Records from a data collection
***
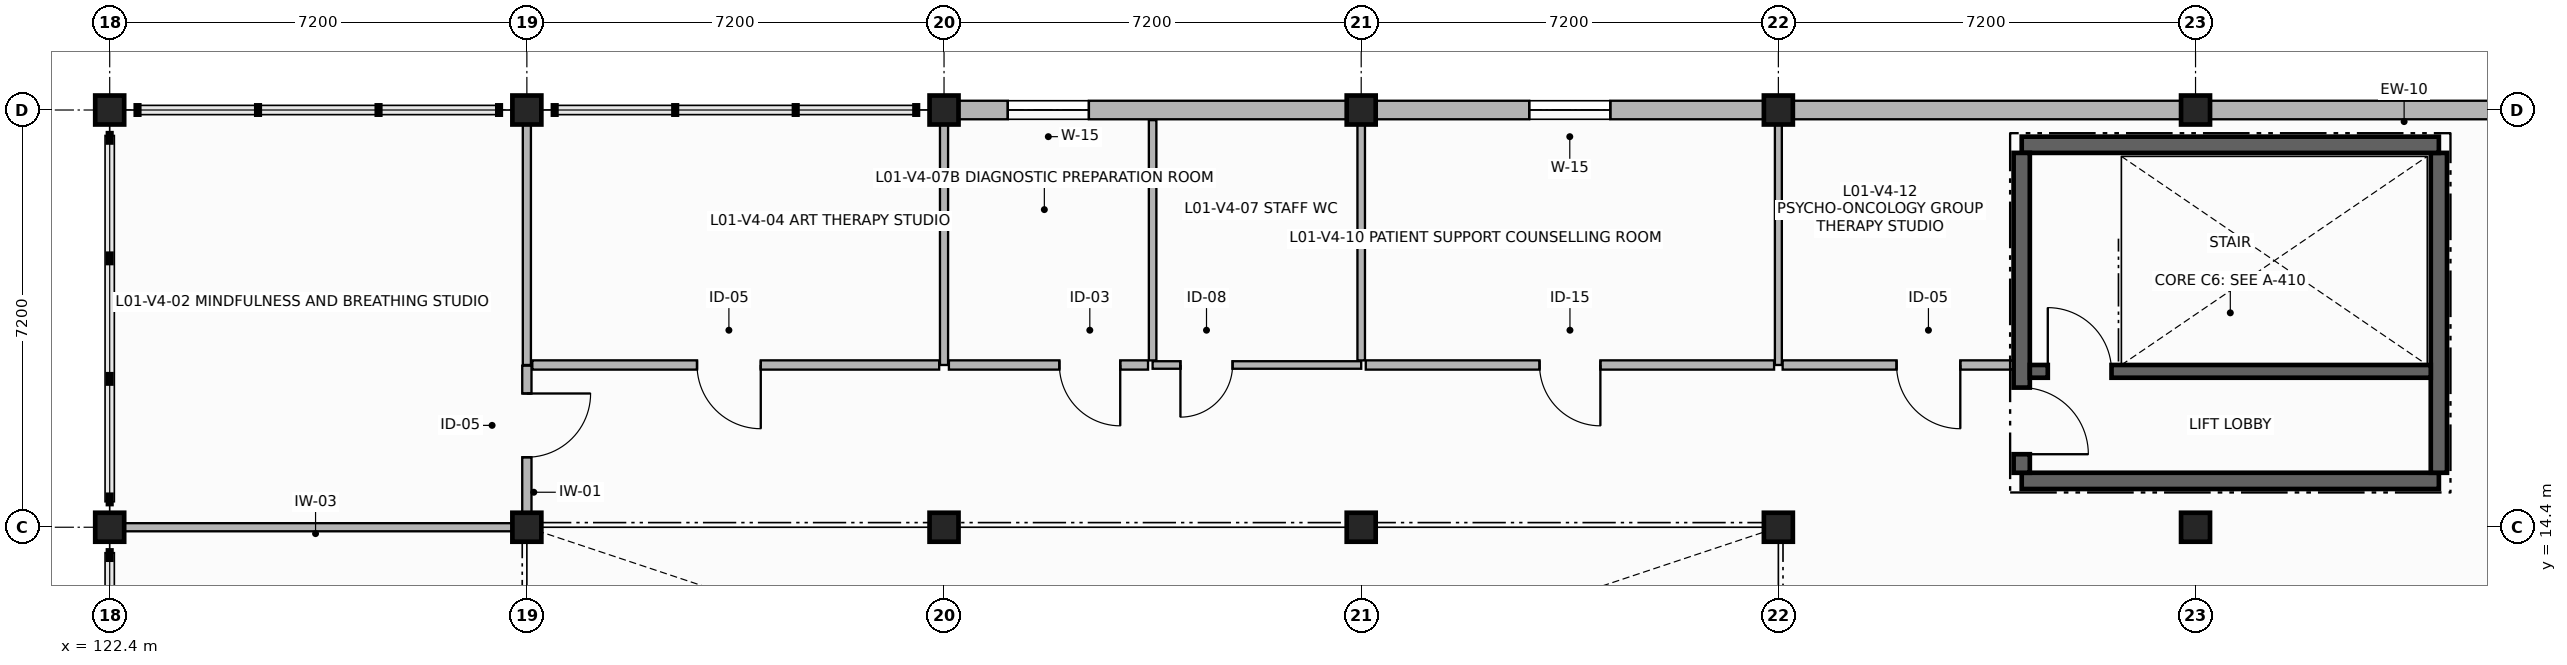
"""IFC4 building model, lengths in metres.
Left out: names, types, materials, properties, quantities, classifications, styles, units other than length and angle.
Written with IfcOpenShell. Run it as: python <this file> out.ifc"""

import sys

from ifc_helpers import new_model, si_unit, direction, frame, frame_2d, origin, origin_2d, place, context, subcontext, project, spatial, rectangle, extrude, element, fill, save


model = new_model("IFC4")
c1 = context("Model", 3, precision=1e-05, world=origin(), true_north=direction((0.0, 1.0)))
c2 = subcontext(c1, "Body", "Model", "MODEL_VIEW")
j1 = project(units=[si_unit("LENGTHUNIT", "METRE"), si_unit("PLANEANGLEUNIT", "RADIAN")], contexts=[c1])
p1 = place(None, origin())
s1 = spatial("IfcSite", under=j1, at=p1, CompositionType="ELEMENT")
p2 = place(p1, origin())
s2 = spatial("IfcBuilding", under=s1, at=p2, CompositionType="ELEMENT")
p3 = place(p2, frame((0.0, 0.0, 4.5)))
s3 = spatial("IfcBuildingStorey", under=s2, at=p3, CompositionType="ELEMENT", Elevation=4.5)
for number, where, z_axis, x_axis in (
    (1, (122.4, 14.4, 0.0), (0.0, 0.0, 1.0), (1.0, 0.0, 0.0)),
    (2, (122.4, 21.6, 0.0), (0.0, 0.0, 1.0), (1.0, 0.0, 0.0)),
    (3, (129.6, 14.4, 0.0), (0.0, 0.0, 1.0), (1.0, 0.0, 0.0)),
    (4, (129.6, 21.6, 0.0), (0.0, 0.0, 1.0), (1.0, 0.0, 0.0)),
    (5, (136.8, 14.4, 0.0), (0.0, 0.0, 1.0), (1.0, 0.0, 0.0)),
    (6, (136.8, 21.6, 0.0), (0.0, 0.0, 1.0), (1.0, 0.0, 0.0)),
    (7, (144.0, 14.4, 0.0), (0.0, 0.0, 1.0), (1.0, 0.0, 0.0)),
    (8, (144.0, 21.6, 0.0), (0.0, 0.0, 1.0), (1.0, 0.0, 0.0)),
    (9, (151.2, 14.4, 0.0), (0.0, 0.0, 1.0), (1.0, 0.0, 0.0)),
    (10, (151.2, 21.6, 0.0), (0.0, 0.0, 1.0), (1.0, 0.0, 0.0)),
    (11, (158.4, 14.4, 0.0), (0.0, 0.0, 1.0), (1.0, 0.0, 0.0)),
    (12, (158.4, 21.6, 0.0), (0.0, 0.0, 1.0), (1.0, 0.0, 0.0)),
):
    element("IfcColumn", number, at=place(p3, frame(where, z_axis=z_axis, x_axis=x_axis)), inside=s3, PredefinedType="COLUMN", context=c2, shape_type="SweptSolid", body=[
        extrude(rectangle(XDim=0.5, YDim=0.5, at=origin_2d()), origin(), (0.0, 0.0, 1.0), 3.9),
    ])
p4 = place(p3, frame((165.6, 21.6, 0.0), z_axis=(0.0, 0.0, 1.0), x_axis=(-1.0, 0.0, 0.0)))
e13 = element("IfcWall", 13, at=p4, inside=s3, PredefinedType="SOLIDWALL", context=c2, shape_type="SweptSolid", body=[
    extrude(rectangle(XDim=7.2, YDim=0.32, at=frame_2d((3.6, 0.0))), origin(), (0.0, 0.0, 1.0), 3.3),
])
p5 = place(p3, frame((158.4, 21.6, 0.0), z_axis=(0.0, 0.0, 1.0), x_axis=(-1.0, 0.0, 0.0)))
e14 = element("IfcWall", 14, at=p5, inside=s3, PredefinedType="SOLIDWALL", context=c2, shape_type="SweptSolid", body=[
    extrude(rectangle(XDim=7.2, YDim=0.32, at=frame_2d((3.6, 0.0))), origin(), (0.0, 0.0, 1.0), 3.3),
])
p6 = place(p3, frame((151.2, 21.6, 0.0), z_axis=(0.0, 0.0, 1.0), x_axis=(-1.0, 0.0, 0.0)))
e15 = element("IfcWall", 15, at=p6, inside=s3, PredefinedType="SOLIDWALL", context=c2, shape_type="SweptSolid", body=[
    extrude(rectangle(XDim=7.2, YDim=0.32, at=frame_2d((3.6, 0.0))), origin(), (0.0, 0.0, 1.0), 3.3),
])
p7 = place(p6, frame((2.9, 0.0, 0.85)))
e16 = element("IfcOpeningElement", 16, at=p7, cuts=e15, PredefinedType="OPENING", context=c2, shape_type="SweptSolid", body=[
    extrude(rectangle(XDim=1.4, YDim=2.2, at=frame_2d((0.7, 1.1))), frame((0.0, 0.17, 0.0), z_axis=(0.0, -1.0, 0.0), x_axis=(1.0, 0.0, 0.0)), (0.0, 0.0, 1.0), 0.34),
])
p8 = place(p3, frame((144.0, 21.6, 0.0), z_axis=(0.0, 0.0, 1.0), x_axis=(-1.0, 0.0, 0.0)))
e17 = element("IfcWall", 17, at=p8, inside=s3, PredefinedType="SOLIDWALL", context=c2, shape_type="SweptSolid", body=[
    extrude(rectangle(XDim=7.2, YDim=0.32, at=frame_2d((3.6, 0.0))), origin(), (0.0, 0.0, 1.0), 3.3),
])
p9 = place(p8, frame((4.7, 0.0, 0.85)))
e18 = element("IfcOpeningElement", 18, at=p9, cuts=e17, PredefinedType="OPENING", context=c2, shape_type="SweptSolid", body=[
    extrude(rectangle(XDim=1.4, YDim=2.2, at=frame_2d((0.7, 1.1))), frame((0.0, 0.17, 0.0), z_axis=(0.0, -1.0, 0.0), x_axis=(1.0, 0.0, 0.0)), (0.0, 0.0, 1.0), 0.34),
])
p10 = place(p3, frame((155.4, 15.2, 0.0), z_axis=(0.0, 0.0, 1.0), x_axis=(1.0, 0.0, 0.0)))
e19 = element("IfcWall", 19, at=p10, inside=s3, PredefinedType="SHEAR", context=c2, shape_type="SweptSolid", body=[
    extrude(rectangle(XDim=7.2, YDim=0.28, at=frame_2d((3.6, 0.0))), origin(), (0.0, 0.0, 1.0), 3.71),
])
p11 = place(p3, frame((162.6, 15.34, 0.0), z_axis=(0.0, 0.0, 1.0), x_axis=(0.0, 1.0, 0.0)))
e20 = element("IfcWall", 20, at=p11, inside=s3, PredefinedType="SHEAR", context=c2, shape_type="SweptSolid", body=[
    extrude(rectangle(XDim=5.52, YDim=0.28, at=frame_2d((2.76, 0.0))), origin(), (0.0, 0.0, 1.0), 3.71),
])
p12 = place(p3, frame((162.6, 21.0, 0.0), z_axis=(0.0, 0.0, 1.0), x_axis=(-1.0, 0.0, 0.0)))
e21 = element("IfcWall", 21, at=p12, inside=s3, PredefinedType="SHEAR", context=c2, shape_type="SweptSolid", body=[
    extrude(rectangle(XDim=7.2, YDim=0.28, at=frame_2d((3.6, 0.0))), origin(), (0.0, 0.0, 1.0), 3.71),
])
p13 = place(p3, frame((155.4, 20.86, 0.0), z_axis=(0.0, 0.0, 1.0), x_axis=(0.0, -1.0, 0.0)))
e22 = element("IfcWall", 22, at=p13, inside=s3, PredefinedType="SHEAR", context=c2, shape_type="SweptSolid", body=[
    extrude(rectangle(XDim=5.52, YDim=0.28, at=frame_2d((2.76, 0.0))), origin(), (0.0, 0.0, 1.0), 3.71),
])
p14 = place(p13, frame((4.05, 0.0, 0.0)))
e23 = element("IfcOpeningElement", 23, at=p14, cuts=e22, PredefinedType="OPENING", context=c2, shape_type="SweptSolid", body=[
    extrude(rectangle(XDim=1.15, YDim=2.2, at=frame_2d((0.575, 1.1))), frame((0.0, 0.15, 0.0), z_axis=(0.0, -1.0, 0.0), x_axis=(1.0, 0.0, 0.0)), (0.0, 0.0, 1.0), 0.3),
])
p15 = place(p3, frame((155.54, 17.09, 0.0), z_axis=(0.0, 0.0, 1.0), x_axis=(1.0, 0.0, 0.0)))
e24 = element("IfcWall", 24, at=p15, inside=s3, PredefinedType="SHEAR", context=c2, shape_type="SweptSolid", body=[
    extrude(rectangle(XDim=6.92, YDim=0.22, at=frame_2d((3.46, 0.0))), origin(), (0.0, 0.0, 1.0), 3.71),
])
p16 = place(p15, frame((0.31, 0.0, 0.0)))
e25 = element("IfcOpeningElement", 25, at=p16, cuts=e24, PredefinedType="OPENING", context=c2, shape_type="SweptSolid", body=[
    extrude(rectangle(XDim=1.1, YDim=2.15, at=frame_2d((0.55, 1.075))), frame((0.0, 0.12, 0.0), z_axis=(0.0, -1.0, 0.0), x_axis=(1.0, 0.0, 0.0)), (0.0, 0.0, 1.0), 0.24),
])
p17 = place(p3, frame((129.6, 21.6, 0.0), z_axis=(0.0, 0.0, 1.0), x_axis=(0.0, -1.0, 0.0)))
e26 = element("IfcWall", 26, at=p17, inside=s3, PredefinedType="PARTITIONING", context=c2, shape_type="SweptSolid", body=[
    extrude(rectangle(XDim=4.4, YDim=0.14, at=frame_2d((2.2, 0.0))), origin(), (0.0, 0.0, 1.0), 3.03),
])
p18 = place(p3, frame((129.6, 17.188, 0.0), z_axis=(0.0, 0.0, 1.0), x_axis=(0.0, -1.0, 0.0)))
e27 = element("IfcWall", 27, at=p18, inside=s3, PredefinedType="PARTITIONING", context=c2, shape_type="SweptSolid", body=[
    extrude(rectangle(XDim=2.788, YDim=0.16, at=frame_2d((1.394, 0.0))), origin(), (0.0, 0.0, 1.0), 3.03),
])
p19 = place(p18, frame((0.48, 0.0, 0.0)))
e28 = element("IfcOpeningElement", 28, at=p19, cuts=e27, PredefinedType="OPENING", context=c2, shape_type="SweptSolid", body=[
    extrude(rectangle(XDim=1.1, YDim=2.2, at=frame_2d((0.55, 1.1))), frame((0.0, 0.09, 0.0), z_axis=(0.0, -1.0, 0.0), x_axis=(1.0, 0.0, 0.0)), (0.0, 0.0, 1.0), 0.18),
])
p20 = place(p3, frame((129.506, 14.4, 0.0), z_axis=(0.0, 0.0, 1.0), x_axis=(-1.0, 0.0, 0.0)))
e29 = element("IfcWall", 29, at=p20, inside=s3, PredefinedType="PARTITIONING", context=c2, shape_type="SweptSolid", body=[
    extrude(rectangle(XDim=7.106, YDim=0.14, at=frame_2d((3.553, 0.0))), origin(), (0.0, 0.0, 1.0), 3.03),
])
p21 = place(p3, frame((136.8, 21.425, 0.0), z_axis=(0.0, 0.0, 1.0), x_axis=(0.0, -1.0, 0.0)))
e30 = element("IfcWall", 30, at=p21, inside=s3, PredefinedType="PARTITIONING", context=c2, shape_type="SweptSolid", body=[
    extrude(rectangle(XDim=4.225, YDim=0.14, at=frame_2d((2.113, 0.0))), origin(), (0.0, 0.0, 1.0), 3.03),
])
p22 = place(p3, frame((136.716, 17.2, 0.0), z_axis=(0.0, 0.0, 1.0), x_axis=(-1.0, 0.0, 0.0)))
e31 = element("IfcWall", 31, at=p22, inside=s3, PredefinedType="PARTITIONING", context=c2, shape_type="SweptSolid", body=[
    extrude(rectangle(XDim=7.022, YDim=0.16, at=frame_2d((3.511, 0.0))), origin(), (0.0, 0.0, 1.0), 3.03),
])
p23 = place(p22, frame((3.079, 0.0, 0.0)))
e32 = element("IfcOpeningElement", 32, at=p23, cuts=e31, PredefinedType="OPENING", context=c2, shape_type="SweptSolid", body=[
    extrude(rectangle(XDim=1.1, YDim=2.2, at=frame_2d((0.55, 1.1))), frame((0.0, 0.09, 0.0), z_axis=(0.0, -1.0, 0.0), x_axis=(1.0, 0.0, 0.0)), (0.0, 0.0, 1.0), 0.18),
])
p24 = place(p3, frame((144.0, 17.2, 0.0), z_axis=(0.0, 0.0, 1.0), x_axis=(-1.0, 0.0, 0.0)))
e33 = element("IfcWall", 33, at=p24, inside=s3, PredefinedType="PARTITIONING", context=c2, shape_type="SweptSolid", body=[
    extrude(rectangle(XDim=3.6, YDim=0.13, at=frame_2d((1.8, 0.0))), origin(), (0.0, 0.0, 1.0), 3.03),
])
p25 = place(p24, frame((2.22, 0.0, 0.0)))
e34 = element("IfcOpeningElement", 34, at=p25, cuts=e33, PredefinedType="OPENING", context=c2, shape_type="SweptSolid", body=[
    extrude(rectangle(XDim=0.9, YDim=2.1, at=frame_2d((0.45, 1.05))), frame((0.0, 0.075, 0.0), z_axis=(0.0, -1.0, 0.0), x_axis=(1.0, 0.0, 0.0)), (0.0, 0.0, 1.0), 0.15),
])
for number, where, z_axis, x_axis in (
    (35, (140.4, 17.279, 0.0), (0.0, 0.0, 1.0), (0.0, 1.0, 0.0)),
    (36, (144.0, 21.425, 0.0), (0.0, 0.0, 1.0), (0.0, -1.0, 0.0)),
):
    element("IfcWall", number, at=place(p3, frame(where, z_axis=z_axis, x_axis=x_axis)), inside=s3, PredefinedType="PARTITIONING", context=c2, shape_type="SweptSolid", body=[
        extrude(rectangle(XDim=4.146, YDim=0.13, at=frame_2d((2.073, 0.0))), origin(), (0.0, 0.0, 1.0), 3.03),
    ])
p26 = place(p3, frame((140.321, 17.2, 0.0), z_axis=(0.0, 0.0, 1.0), x_axis=(-1.0, 0.0, 0.0)))
e37 = element("IfcWall", 37, at=p26, inside=s3, PredefinedType="PARTITIONING", context=c2, shape_type="SweptSolid", body=[
    extrude(rectangle(XDim=3.437, YDim=0.16, at=frame_2d((1.719, 0.0))), origin(), (0.0, 0.0, 1.0), 3.03),
])
p27 = place(p26, frame((0.48, 0.0, 0.0)))
e38 = element("IfcOpeningElement", 38, at=p27, cuts=e37, PredefinedType="OPENING", context=c2, shape_type="SweptSolid", body=[
    extrude(rectangle(XDim=1.05, YDim=2.15, at=frame_2d((0.525, 1.075))), frame((0.0, 0.09, 0.0), z_axis=(0.0, -1.0, 0.0), x_axis=(1.0, 0.0, 0.0)), (0.0, 0.0, 1.0), 0.18),
])
p28 = place(p3, frame((151.2, 21.425, 0.0), z_axis=(0.0, 0.0, 1.0), x_axis=(0.0, -1.0, 0.0)))
e39 = element("IfcWall", 39, at=p28, inside=s3, PredefinedType="PARTITIONING", context=c2, shape_type="SweptSolid", body=[
    extrude(rectangle(XDim=4.225, YDim=0.12, at=frame_2d((2.113, 0.0))), origin(), (0.0, 0.0, 1.0), 3.03),
])
p29 = place(p3, frame((151.126, 17.2, 0.0), z_axis=(0.0, 0.0, 1.0), x_axis=(-1.0, 0.0, 0.0)))
e40 = element("IfcWall", 40, at=p29, inside=s3, PredefinedType="PARTITIONING", context=c2, shape_type="SweptSolid", body=[
    extrude(rectangle(XDim=7.047, YDim=0.16, at=frame_2d((3.523, 0.0))), origin(), (0.0, 0.0, 1.0), 3.03),
])
p30 = place(p29, frame((2.998, 0.0, 0.0)))
e41 = element("IfcOpeningElement", 41, at=p30, cuts=e40, PredefinedType="OPENING", context=c2, shape_type="SweptSolid", body=[
    extrude(rectangle(XDim=1.05, YDim=2.2, at=frame_2d((0.525, 1.1))), frame((0.0, 0.09, 0.0), z_axis=(0.0, -1.0, 0.0), x_axis=(1.0, 0.0, 0.0)), (0.0, 0.0, 1.0), 0.18),
])
p31 = place(p3, frame((155.245, 17.2, 0.0), z_axis=(0.0, 0.0, 1.0), x_axis=(-1.0, 0.0, 0.0)))
e42 = element("IfcWall", 42, at=p31, inside=s3, PredefinedType="PARTITIONING", context=c2, shape_type="SweptSolid", body=[
    extrude(rectangle(XDim=3.971, YDim=0.16, at=frame_2d((1.986, 0.0))), origin(), (0.0, 0.0, 1.0), 3.03),
])
p32 = place(p31, frame((0.905, 0.0, 0.0)))
e43 = element("IfcOpeningElement", 43, at=p32, cuts=e42, PredefinedType="OPENING", context=c2, shape_type="SweptSolid", body=[
    extrude(rectangle(XDim=1.1, YDim=2.2, at=frame_2d((0.55, 1.1))), frame((0.0, 0.09, 0.0), z_axis=(0.0, -1.0, 0.0), x_axis=(1.0, 0.0, 0.0)), (0.0, 0.0, 1.0), 0.18),
])
p33 = place(p7, origin())
e44 = element("IfcWindow", 44, at=p33, inside=s3, PartitioningType="SINGLE_PANEL", PredefinedType="WINDOW", context=c2, shape_type="SweptSolid", body=[
    extrude(rectangle(XDim=1.4, YDim=2.2, at=frame_2d((0.7, 1.1))), frame((0.0, 0.03, 0.0), z_axis=(0.0, -1.0, 0.0), x_axis=(1.0, 0.0, 0.0)), (0.0, 0.0, 1.0), 0.06),
])
fill(e16, e44)
p34 = place(p9, origin())
e45 = element("IfcWindow", 45, at=p34, inside=s3, PartitioningType="SINGLE_PANEL", PredefinedType="WINDOW", context=c2, shape_type="SweptSolid", body=[
    extrude(rectangle(XDim=1.4, YDim=2.2, at=frame_2d((0.7, 1.1))), frame((0.0, 0.03, 0.0), z_axis=(0.0, -1.0, 0.0), x_axis=(1.0, 0.0, 0.0)), (0.0, 0.0, 1.0), 0.06),
])
fill(e18, e45)
p35 = place(p16, origin())
e46 = element("IfcDoor", 46, at=p35, inside=s3, OperationType="SINGLE_SWING_LEFT", PredefinedType="DOOR", context=c2, shape_type="SweptSolid", body=[
    extrude(rectangle(XDim=1.1, YDim=2.15, at=frame_2d((0.55, 1.075))), frame((0.0, 0.025, 0.0), z_axis=(0.0, -1.0, 0.0), x_axis=(1.0, 0.0, 0.0)), (0.0, 0.0, 1.0), 0.05),
])
fill(e25, e46)
p36 = place(p14, origin())
e47 = element("IfcDoor", 47, at=p36, inside=s3, OperationType="SINGLE_SWING_RIGHT", PredefinedType="DOOR", context=c2, shape_type="SweptSolid", body=[
    extrude(rectangle(XDim=1.15, YDim=2.2, at=frame_2d((0.575, 1.1))), frame((0.0, 0.025, 0.0), z_axis=(0.0, -1.0, 0.0), x_axis=(1.0, 0.0, 0.0)), (0.0, 0.0, 1.0), 0.05),
])
fill(e23, e47)
p37 = place(p19, origin())
e48 = element("IfcDoor", 48, at=p37, inside=s3, OperationType="SINGLE_SWING_LEFT", PredefinedType="DOOR", context=c2, shape_type="SweptSolid", body=[
    extrude(rectangle(XDim=1.1, YDim=2.2, at=frame_2d((0.55, 1.1))), frame((0.0, 0.025, 0.0), z_axis=(0.0, -1.0, 0.0), x_axis=(1.0, 0.0, 0.0)), (0.0, 0.0, 1.0), 0.05),
])
fill(e28, e48)
p38 = place(p23, origin())
e49 = element("IfcDoor", 49, at=p38, inside=s3, OperationType="SINGLE_SWING_LEFT", PredefinedType="DOOR", context=c2, shape_type="SweptSolid", body=[
    extrude(rectangle(XDim=1.1, YDim=2.2, at=frame_2d((0.55, 1.1))), frame((0.0, 0.025, 0.0), z_axis=(0.0, -1.0, 0.0), x_axis=(1.0, 0.0, 0.0)), (0.0, 0.0, 1.0), 0.05),
])
fill(e32, e49)
p39 = place(p25, origin())
e50 = element("IfcDoor", 50, at=p39, inside=s3, OperationType="SINGLE_SWING_RIGHT", PredefinedType="DOOR", context=c2, shape_type="SweptSolid", body=[
    extrude(rectangle(XDim=0.9, YDim=2.1, at=frame_2d((0.45, 1.05))), frame((0.0, 0.025, 0.0), z_axis=(0.0, -1.0, 0.0), x_axis=(1.0, 0.0, 0.0)), (0.0, 0.0, 1.0), 0.05),
])
fill(e34, e50)
p40 = place(p27, origin())
e51 = element("IfcDoor", 51, at=p40, inside=s3, OperationType="SINGLE_SWING_LEFT", PredefinedType="DOOR", context=c2, shape_type="SweptSolid", body=[
    extrude(rectangle(XDim=1.05, YDim=2.15, at=frame_2d((0.525, 1.075))), frame((0.0, 0.025, 0.0), z_axis=(0.0, -1.0, 0.0), x_axis=(1.0, 0.0, 0.0)), (0.0, 0.0, 1.0), 0.05),
])
fill(e38, e51)
p41 = place(p30, origin())
e52 = element("IfcDoor", 52, at=p41, inside=s3, OperationType="SINGLE_SWING_LEFT", PredefinedType="DOOR", context=c2, shape_type="SweptSolid", body=[
    extrude(rectangle(XDim=1.05, YDim=2.2, at=frame_2d((0.525, 1.1))), frame((0.0, 0.025, 0.0), z_axis=(0.0, -1.0, 0.0), x_axis=(1.0, 0.0, 0.0)), (0.0, 0.0, 1.0), 0.05),
])
fill(e41, e52)
p42 = place(p32, origin())
e53 = element("IfcDoor", 53, at=p42, inside=s3, OperationType="SINGLE_SWING_LEFT", PredefinedType="DOOR", context=c2, shape_type="SweptSolid", body=[
    extrude(rectangle(XDim=1.1, YDim=2.2, at=frame_2d((0.55, 1.1))), frame((0.0, 0.025, 0.0), z_axis=(0.0, -1.0, 0.0), x_axis=(1.0, 0.0, 0.0)), (0.0, 0.0, 1.0), 0.05),
])
fill(e43, e53)
save(model, sys.argv[1])
***
ABOUT THIS TASK
All lines in the preceding records that hold the word "units" need to be copied.

REPLY TO THE EXERCISE
Left out: names, types, materials, properties, quantities, classifications, styles, units other than length and angle.
j1 = project(units=[si_unit("LENGTHUNIT", "METRE"), si_unit("PLANEANGLEUNIT", "RADIAN")], contexts=[c1])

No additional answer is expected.